═════ Dataset records ═════

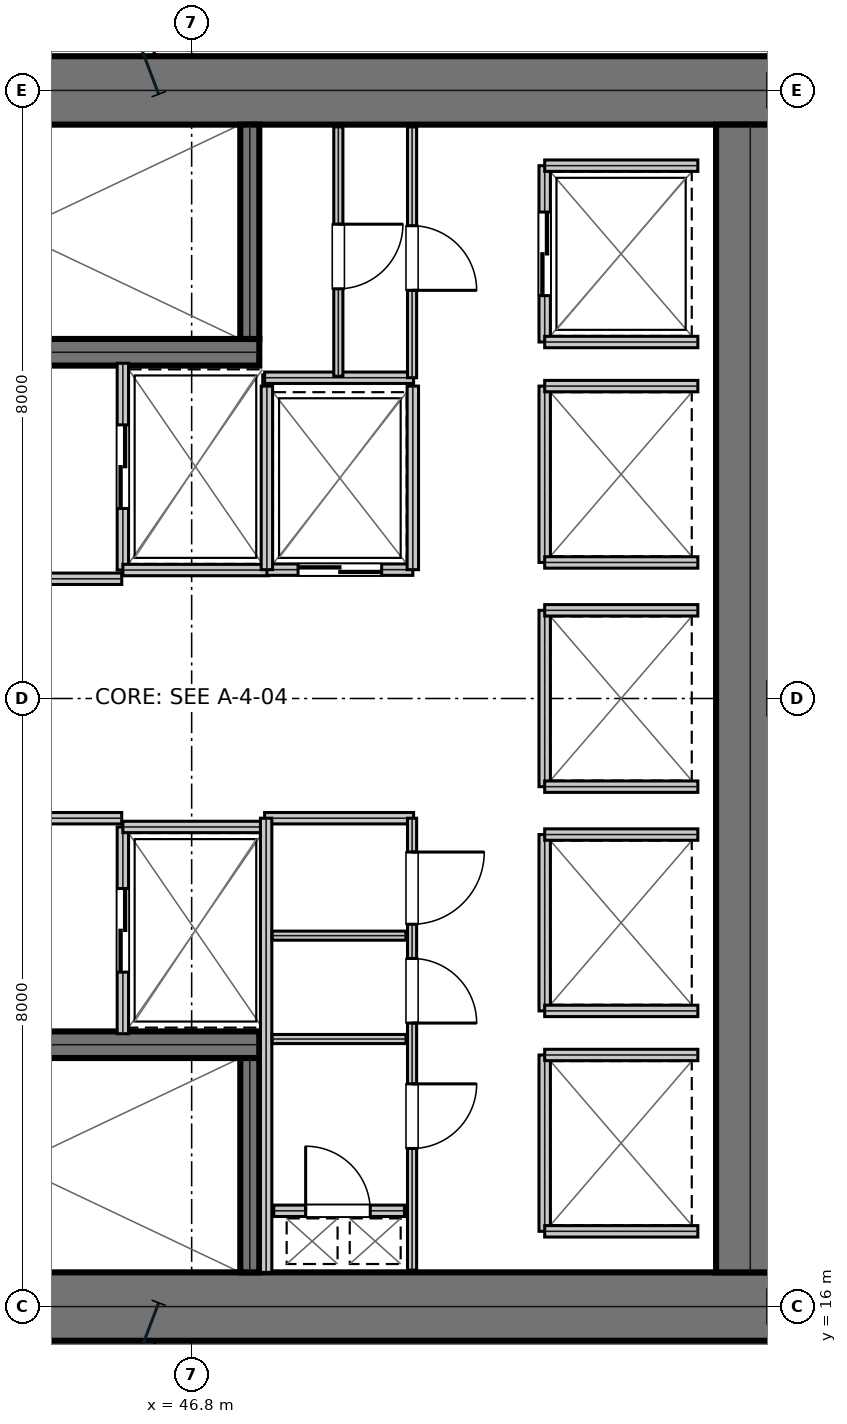
"""IFC4 building model, lengths in metres.
Left out: names, types, materials, properties, quantities, classifications, styles, units other than length and angle.
Written with IfcOpenShell. Run it as: python <this file> out.ifc"""

import sys

from ifc_helpers import new_model, si_unit, direction, frame, frame_2d, origin, place, context, subcontext, project, spatial, rectangle, extrude, element, fill, save


model = new_model("IFC4")
c1 = context("Model", 3, precision=1e-05, world=origin(), true_north=direction((0.0, 1.0)))
c2 = subcontext(c1, "Body", "Model", "MODEL_VIEW")
j1 = project(units=[si_unit("LENGTHUNIT", "METRE"), si_unit("PLANEANGLEUNIT", "RADIAN")], contexts=[c1])
p1 = place(None, origin())
s1 = spatial("IfcSite", under=j1, at=p1, CompositionType="ELEMENT")
p2 = place(p1, origin())
s2 = spatial("IfcBuilding", under=s1, at=p2, CompositionType="ELEMENT")
p3 = place(p2, frame((0.0, 0.0, 41.85)))
s3 = spatial("IfcBuildingStorey", under=s2, at=p3, CompositionType="ELEMENT", Elevation=41.85)
for number, where, z_axis, x_axis in (
    (1, (38.8, 32.0, 0.0), (0.0, 0.0, 1.0), (1.0, 0.0, 0.0)),
    (2, (38.8, 16.0, 0.0), (0.0, 0.0, 1.0), (1.0, 0.0, 0.0)),
):
    element("IfcWall", number, at=place(p3, frame(where, z_axis=z_axis, x_axis=x_axis)), inside=s3, PredefinedType="SHEAR", context=c2, shape_type="SweptSolid", body=[
        extrude(rectangle(XDim=16.0, YDim=0.9, at=frame_2d((8.0, 0.0))), origin(), (0.0, 0.0, 1.0), 3.81),
    ])
p4 = place(p3, frame((54.15, 16.45, 0.0), z_axis=(0.0, 0.0, 1.0), x_axis=(0.0, 1.0, 0.0)))
e3 = element("IfcWall", 3, at=p4, inside=s3, PredefinedType="SHEAR", context=c2, shape_type="SweptSolid", body=[
    extrude(rectangle(XDim=15.1, YDim=0.9, at=frame_2d((7.55, 0.0))), origin(), (0.0, 0.0, 1.0), 3.81),
])
p5 = place(p3, frame((39.98, 28.555, 0.0), z_axis=(0.0, 0.0, 1.0), x_axis=(1.0, 0.0, 0.0)))
e4 = element("IfcWall", 4, at=p5, inside=s3, PredefinedType="SHEAR", context=c2, shape_type="SweptSolid", body=[
    extrude(rectangle(XDim=7.71, YDim=0.35, at=frame_2d((3.855, 0.0))), origin(), (0.0, 0.0, 1.0), 3.81),
])
p6 = place(p5, frame((0.25, 0.0, 0.0)))
e5 = element("IfcOpeningElement", 5, at=p6, cuts=e4, PredefinedType="OPENING", context=c2, shape_type="SweptSolid", body=[
    extrude(rectangle(XDim=1.1, YDim=2.15, at=frame_2d((0.55, 1.075))), frame((0.0, 0.185, 0.0), z_axis=(0.0, -1.0, 0.0), x_axis=(1.0, 0.0, 0.0)), (0.0, 0.0, 1.0), 0.37),
])
p7 = place(p3, frame((39.98, 19.445, 0.0), z_axis=(0.0, 0.0, 1.0), x_axis=(1.0, 0.0, 0.0)))
e6 = element("IfcWall", 6, at=p7, inside=s3, PredefinedType="SHEAR", context=c2, shape_type="SweptSolid", body=[
    extrude(rectangle(XDim=7.71, YDim=0.35, at=frame_2d((3.855, 0.0))), origin(), (0.0, 0.0, 1.0), 3.81),
])
p8 = place(p7, frame((0.25, 0.0, 0.0)))
e7 = element("IfcOpeningElement", 7, at=p8, cuts=e6, PredefinedType="OPENING", context=c2, shape_type="SweptSolid", body=[
    extrude(rectangle(XDim=1.1, YDim=2.15, at=frame_2d((0.55, 1.075))), frame((0.0, 0.185, 0.0), z_axis=(0.0, -1.0, 0.0), x_axis=(1.0, 0.0, 0.0)), (0.0, 0.0, 1.0), 0.37),
])
for number, where, z_axis, x_axis in (
    (8, (47.565, 28.73, 0.0), (0.0, 0.0, 1.0), (0.0, 1.0, 0.0)),
    (9, (47.565, 16.45, 0.0), (0.0, 0.0, 1.0), (0.0, 1.0, 0.0)),
):
    element("IfcWall", number, at=place(p3, frame(where, z_axis=z_axis, x_axis=x_axis)), inside=s3, PredefinedType="SHEAR", context=c2, shape_type="SweptSolid", body=[
        extrude(rectangle(XDim=2.82, YDim=0.25, at=frame_2d((1.41, 0.0))), origin(), (0.0, 0.0, 1.0), 3.81),
    ])
p9 = place(p3, frame((39.98, 25.575, 0.0), z_axis=(0.0, 0.0, 1.0), x_axis=(1.0, 0.0, 0.0)))
e10 = element("IfcWall", 10, at=p9, inside=s3, PredefinedType="PARTITIONING", context=c2, shape_type="SweptSolid", body=[
    extrude(rectangle(XDim=5.9, YDim=0.15, at=frame_2d((2.95, 0.0))), origin(), (0.0, 0.0, 1.0), 3.81),
])
p10 = place(p9, frame((2.35, 0.0, 0.0)))
e11 = element("IfcOpeningElement", 11, at=p10, cuts=e10, PredefinedType="OPENING", context=c2, shape_type="SweptSolid", body=[
    extrude(rectangle(XDim=1.05, YDim=2.15, at=frame_2d((0.525, 1.075))), frame((0.0, 0.085, 0.0), z_axis=(0.0, -1.0, 0.0), x_axis=(1.0, 0.0, 0.0)), (0.0, 0.0, 1.0), 0.17),
])
p11 = place(p3, frame((39.98, 22.425, 0.0), z_axis=(0.0, 0.0, 1.0), x_axis=(1.0, 0.0, 0.0)))
e12 = element("IfcWall", 12, at=p11, inside=s3, PredefinedType="PARTITIONING", context=c2, shape_type="SweptSolid", body=[
    extrude(rectangle(XDim=5.9, YDim=0.15, at=frame_2d((2.95, 0.0))), origin(), (0.0, 0.0, 1.0), 3.81),
])
p12 = place(p11, frame((2.35, 0.0, 0.0)))
e13 = element("IfcOpeningElement", 13, at=p12, cuts=e12, PredefinedType="OPENING", context=c2, shape_type="SweptSolid", body=[
    extrude(rectangle(XDim=1.05, YDim=2.15, at=frame_2d((0.525, 1.075))), frame((0.0, 0.085, 0.0), z_axis=(0.0, -1.0, 0.0), x_axis=(1.0, 0.0, 0.0)), (0.0, 0.0, 1.0), 0.17),
])
p13 = place(p3, frame((45.895, 25.69, 0.0), z_axis=(0.0, 0.0, 1.0), x_axis=(0.0, 1.0, 0.0)))
e14 = element("IfcWall", 14, at=p13, inside=s3, PredefinedType="PARTITIONING", context=c2, shape_type="SweptSolid", body=[
    extrude(rectangle(XDim=2.72, YDim=0.15, at=frame_2d((1.36, 0.0))), origin(), (0.0, 0.0, 1.0), 3.81),
])
p14 = place(p13, frame((0.81, 0.0, 0.0)))
e15 = element("IfcOpeningElement", 15, at=p14, cuts=e14, PredefinedType="OPENING", context=c2, shape_type="SweptSolid", body=[
    extrude(rectangle(XDim=1.1, YDim=2.15, at=frame_2d((0.55, 1.075))), frame((0.0, 0.085, 0.0), z_axis=(0.0, -1.0, 0.0), x_axis=(1.0, 0.0, 0.0)), (0.0, 0.0, 1.0), 0.17),
])
p15 = place(p3, frame((45.895, 25.69, 0.0), z_axis=(0.0, 0.0, 1.0), x_axis=(1.0, 0.0, 0.0)))
e16 = element("IfcWall", 16, at=p15, inside=s3, PredefinedType="PARTITIONING", context=c2, shape_type="SweptSolid", body=[
    extrude(rectangle(XDim=1.915, YDim=0.15, at=frame_2d((0.958, 0.0))), origin(), (0.0, 0.0, 1.0), 3.81),
])
p16 = place(p3, frame((45.895, 19.59, 0.0), z_axis=(0.0, 0.0, 1.0), x_axis=(0.0, 1.0, 0.0)))
e17 = element("IfcWall", 17, at=p16, inside=s3, PredefinedType="PARTITIONING", context=c2, shape_type="SweptSolid", body=[
    extrude(rectangle(XDim=2.72, YDim=0.15, at=frame_2d((1.36, 0.0))), origin(), (0.0, 0.0, 1.0), 3.81),
])
p17 = place(p16, frame((0.81, 0.0, 0.0)))
e18 = element("IfcOpeningElement", 18, at=p17, cuts=e17, PredefinedType="OPENING", context=c2, shape_type="SweptSolid", body=[
    extrude(rectangle(XDim=1.1, YDim=2.15, at=frame_2d((0.55, 1.075))), frame((0.0, 0.085, 0.0), z_axis=(0.0, -1.0, 0.0), x_axis=(1.0, 0.0, 0.0)), (0.0, 0.0, 1.0), 0.17),
])
p18 = place(p3, frame((45.895, 22.31, 0.0), z_axis=(0.0, 0.0, 1.0), x_axis=(1.0, 0.0, 0.0)))
e19 = element("IfcWall", 19, at=p18, inside=s3, PredefinedType="PARTITIONING", context=c2, shape_type="SweptSolid", body=[
    extrude(rectangle(XDim=1.915, YDim=0.15, at=frame_2d((0.958, 0.0))), origin(), (0.0, 0.0, 1.0), 3.81),
])
p19 = place(p3, frame((47.79, 25.695, 0.0), z_axis=(0.0, 0.0, 1.0), x_axis=(1.0, 0.0, 0.0)))
e20 = element("IfcWall", 20, at=p19, inside=s3, PredefinedType="PARTITIONING", context=c2, shape_type="SweptSolid", body=[
    extrude(rectangle(XDim=1.92, YDim=0.15, at=frame_2d((0.96, 0.0))), origin(), (0.0, 0.0, 1.0), 3.81),
])
p20 = place(p19, frame((0.41, 0.0, 0.0)))
e21 = element("IfcOpeningElement", 21, at=p20, cuts=e20, PredefinedType="OPENING", context=c2, shape_type="SweptSolid", body=[
    extrude(rectangle(XDim=1.1, YDim=2.15, at=frame_2d((0.55, 1.075))), frame((0.0, 0.085, 0.0), z_axis=(0.0, -1.0, 0.0), x_axis=(1.0, 0.0, 0.0)), (0.0, 0.0, 1.0), 0.17),
])
for number, where, z_axis, x_axis in (
    (22, (47.79, 25.695, 0.0), (0.0, 0.0, 1.0), (0.0, 1.0, 0.0)),
    (23, (49.71, 25.695, 0.0), (0.0, 0.0, 1.0), (0.0, 1.0, 0.0)),
):
    element("IfcWall", number, at=place(p3, frame(where, z_axis=z_axis, x_axis=x_axis)), inside=s3, PredefinedType="PARTITIONING", context=c2, shape_type="SweptSolid", body=[
        extrude(rectangle(XDim=2.415, YDim=0.15, at=frame_2d((1.208, 0.0))), origin(), (0.0, 0.0, 1.0), 3.81),
    ])
p21 = place(p3, frame((51.445, 28.69, 0.0), z_axis=(0.0, 0.0, 1.0), x_axis=(0.0, 1.0, 0.0)))
e24 = element("IfcWall", 24, at=p21, inside=s3, PredefinedType="PARTITIONING", context=c2, shape_type="SweptSolid", body=[
    extrude(rectangle(XDim=2.32, YDim=0.15, at=frame_2d((1.16, 0.0))), origin(), (0.0, 0.0, 1.0), 3.81),
])
p22 = place(p21, frame((0.61, 0.0, 0.0)))
e25 = element("IfcOpeningElement", 25, at=p22, cuts=e24, PredefinedType="OPENING", context=c2, shape_type="SweptSolid", body=[
    extrude(rectangle(XDim=1.1, YDim=2.15, at=frame_2d((0.55, 1.075))), frame((0.0, 0.085, 0.0), z_axis=(0.0, -1.0, 0.0), x_axis=(1.0, 0.0, 0.0)), (0.0, 0.0, 1.0), 0.17),
])
for number, where, z_axis, x_axis in (
    (26, (51.445, 28.69, 0.0), (0.0, 0.0, 1.0), (1.0, 0.0, 0.0)),
    (27, (51.445, 31.01, 0.0), (0.0, 0.0, 1.0), (1.0, 0.0, 0.0)),
):
    element("IfcWall", number, at=place(p3, frame(where, z_axis=z_axis, x_axis=x_axis)), inside=s3, PredefinedType="PARTITIONING", context=c2, shape_type="SweptSolid", body=[
        extrude(rectangle(XDim=2.015, YDim=0.15, at=frame_2d((1.007, 0.0))), origin(), (0.0, 0.0, 1.0), 3.81),
    ])
p23 = place(p3, frame((51.445, 25.79, 0.0), z_axis=(0.0, 0.0, 1.0), x_axis=(0.0, 1.0, 0.0)))
e28 = element("IfcWall", 28, at=p23, inside=s3, PredefinedType="PARTITIONING", context=c2, shape_type="SweptSolid", body=[
    extrude(rectangle(XDim=2.32, YDim=0.15, at=frame_2d((1.16, 0.0))), origin(), (0.0, 0.0, 1.0), 3.81),
])
for number, where, z_axis, x_axis in (
    (29, (51.445, 25.79, 0.0), (0.0, 0.0, 1.0), (1.0, 0.0, 0.0)),
    (30, (51.445, 28.11, 0.0), (0.0, 0.0, 1.0), (1.0, 0.0, 0.0)),
):
    element("IfcWall", number, at=place(p3, frame(where, z_axis=z_axis, x_axis=x_axis)), inside=s3, PredefinedType="PARTITIONING", context=c2, shape_type="SweptSolid", body=[
        extrude(rectangle(XDim=2.015, YDim=0.15, at=frame_2d((1.007, 0.0))), origin(), (0.0, 0.0, 1.0), 3.81),
    ])
p24 = place(p3, frame((51.445, 19.89, 0.0), z_axis=(0.0, 0.0, 1.0), x_axis=(0.0, 1.0, 0.0)))
e31 = element("IfcWall", 31, at=p24, inside=s3, PredefinedType="PARTITIONING", context=c2, shape_type="SweptSolid", body=[
    extrude(rectangle(XDim=2.32, YDim=0.15, at=frame_2d((1.16, 0.0))), origin(), (0.0, 0.0, 1.0), 3.81),
])
for number, where, z_axis, x_axis in (
    (32, (51.445, 19.89, 0.0), (0.0, 0.0, 1.0), (1.0, 0.0, 0.0)),
    (33, (51.445, 22.21, 0.0), (0.0, 0.0, 1.0), (1.0, 0.0, 0.0)),
):
    element("IfcWall", number, at=place(p3, frame(where, z_axis=z_axis, x_axis=x_axis)), inside=s3, PredefinedType="PARTITIONING", context=c2, shape_type="SweptSolid", body=[
        extrude(rectangle(XDim=2.015, YDim=0.15, at=frame_2d((1.007, 0.0))), origin(), (0.0, 0.0, 1.0), 3.81),
    ])
p25 = place(p3, frame((51.445, 22.84, 0.0), z_axis=(0.0, 0.0, 1.0), x_axis=(0.0, 1.0, 0.0)))
e34 = element("IfcWall", 34, at=p25, inside=s3, PredefinedType="PARTITIONING", context=c2, shape_type="SweptSolid", body=[
    extrude(rectangle(XDim=2.32, YDim=0.15, at=frame_2d((1.16, 0.0))), origin(), (0.0, 0.0, 1.0), 3.81),
])
for number, where, z_axis, x_axis in (
    (35, (51.445, 22.84, 0.0), (0.0, 0.0, 1.0), (1.0, 0.0, 0.0)),
    (36, (51.445, 25.16, 0.0), (0.0, 0.0, 1.0), (1.0, 0.0, 0.0)),
):
    element("IfcWall", number, at=place(p3, frame(where, z_axis=z_axis, x_axis=x_axis)), inside=s3, PredefinedType="PARTITIONING", context=c2, shape_type="SweptSolid", body=[
        extrude(rectangle(XDim=2.015, YDim=0.15, at=frame_2d((1.007, 0.0))), origin(), (0.0, 0.0, 1.0), 3.81),
    ])
p26 = place(p3, frame((51.445, 16.99, 0.0), z_axis=(0.0, 0.0, 1.0), x_axis=(0.0, 1.0, 0.0)))
e37 = element("IfcWall", 37, at=p26, inside=s3, PredefinedType="PARTITIONING", context=c2, shape_type="SweptSolid", body=[
    extrude(rectangle(XDim=2.32, YDim=0.15, at=frame_2d((1.16, 0.0))), origin(), (0.0, 0.0, 1.0), 3.81),
])
for number, where, z_axis, x_axis in (
    (38, (51.445, 16.99, 0.0), (0.0, 0.0, 1.0), (1.0, 0.0, 0.0)),
    (39, (51.445, 19.31, 0.0), (0.0, 0.0, 1.0), (1.0, 0.0, 0.0)),
):
    element("IfcWall", number, at=place(p3, frame(where, z_axis=z_axis, x_axis=x_axis)), inside=s3, PredefinedType="PARTITIONING", context=c2, shape_type="SweptSolid", body=[
        extrude(rectangle(XDim=2.015, YDim=0.15, at=frame_2d((1.007, 0.0))), origin(), (0.0, 0.0, 1.0), 3.81),
    ])
p27 = place(p3, frame((47.88, 17.26, 0.0), z_axis=(0.0, 0.0, 1.0), x_axis=(1.0, 0.0, 0.0)))
e40 = element("IfcWall", 40, at=p27, inside=s3, PredefinedType="PARTITIONING", context=c2, shape_type="SweptSolid", body=[
    extrude(rectangle(XDim=1.72, YDim=0.15, at=frame_2d((0.86, 0.0))), origin(), (0.0, 0.0, 1.0), 3.81),
])
p28 = place(p27, frame((0.42, 0.0, 0.0)))
e41 = element("IfcOpeningElement", 41, at=p28, cuts=e40, PredefinedType="OPENING", context=c2, shape_type="SweptSolid", body=[
    extrude(rectangle(XDim=0.85, YDim=2.15, at=frame_2d((0.425, 1.075))), frame((0.0, 0.085, 0.0), z_axis=(0.0, -1.0, 0.0), x_axis=(1.0, 0.0, 0.0)), (0.0, 0.0, 1.0), 0.17),
])
p29 = place(p3, frame((47.76, 22.425, 0.0), z_axis=(0.0, 0.0, 1.0), x_axis=(1.0, 0.0, 0.0)))
e42 = element("IfcWall", 42, at=p29, inside=s3, PredefinedType="PARTITIONING", context=c2, shape_type="SweptSolid", body=[
    extrude(rectangle(XDim=1.96, YDim=0.15, at=frame_2d((0.98, 0.0))), origin(), (0.0, 0.0, 1.0), 3.81),
])
p30 = place(p3, frame((47.78, 16.45, 0.0), z_axis=(0.0, 0.0, 1.0), x_axis=(0.0, 1.0, 0.0)))
e43 = element("IfcWall", 43, at=p30, inside=s3, PredefinedType="PARTITIONING", context=c2, shape_type="SweptSolid", body=[
    extrude(rectangle(XDim=5.975, YDim=0.15, at=frame_2d((2.988, 0.0))), origin(), (0.0, 0.0, 1.0), 3.81),
])
for number, where, z_axis, x_axis in (
    (44, (47.86, 19.52, 0.0), (0.0, 0.0, 1.0), (1.0, 0.0, 0.0)),
    (45, (47.86, 20.88, 0.0), (0.0, 0.0, 1.0), (1.0, 0.0, 0.0)),
):
    element("IfcWall", number, at=place(p3, frame(where, z_axis=z_axis, x_axis=x_axis)), inside=s3, PredefinedType="PARTITIONING", context=c2, shape_type="SweptSolid", body=[
        extrude(rectangle(XDim=1.76, YDim=0.12, at=frame_2d((0.88, 0.0))), origin(), (0.0, 0.0, 1.0), 3.81),
    ])
p31 = place(p3, frame((49.7, 16.48, 0.0), z_axis=(0.0, 0.0, 1.0), x_axis=(0.0, 1.0, 0.0)))
e46 = element("IfcWall", 46, at=p31, inside=s3, PredefinedType="PARTITIONING", context=c2, shape_type="SweptSolid", body=[
    extrude(rectangle(XDim=5.945, YDim=0.12, at=frame_2d((2.973, 0.0))), origin(), (0.0, 0.0, 1.0), 3.81),
])
p32 = place(p31, frame((1.6, 0.0, 0.0)))
e47 = element("IfcOpeningElement", 47, at=p32, cuts=e46, PredefinedType="OPENING", context=c2, shape_type="SweptSolid", body=[
    extrude(rectangle(XDim=0.85, YDim=2.15, at=frame_2d((0.425, 1.075))), frame((0.0, 0.07, 0.0), z_axis=(0.0, -1.0, 0.0), x_axis=(1.0, 0.0, 0.0)), (0.0, 0.0, 1.0), 0.14),
])
p33 = place(p31, frame((3.25, 0.0, 0.0)))
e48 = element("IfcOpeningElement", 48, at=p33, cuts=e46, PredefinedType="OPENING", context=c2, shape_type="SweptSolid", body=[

═════

- Directions for this task: Every line in the data that holds the string "subcontext" should be copied.

- Task result:
from ifc_helpers import new_model, si_unit, direction, frame, frame_2d, origin, place, context, subcontext, project, spatial, rectangle, extrude, element, fill, save
c2 = subcontext(c1, "Body", "Model", "MODEL_VIEW")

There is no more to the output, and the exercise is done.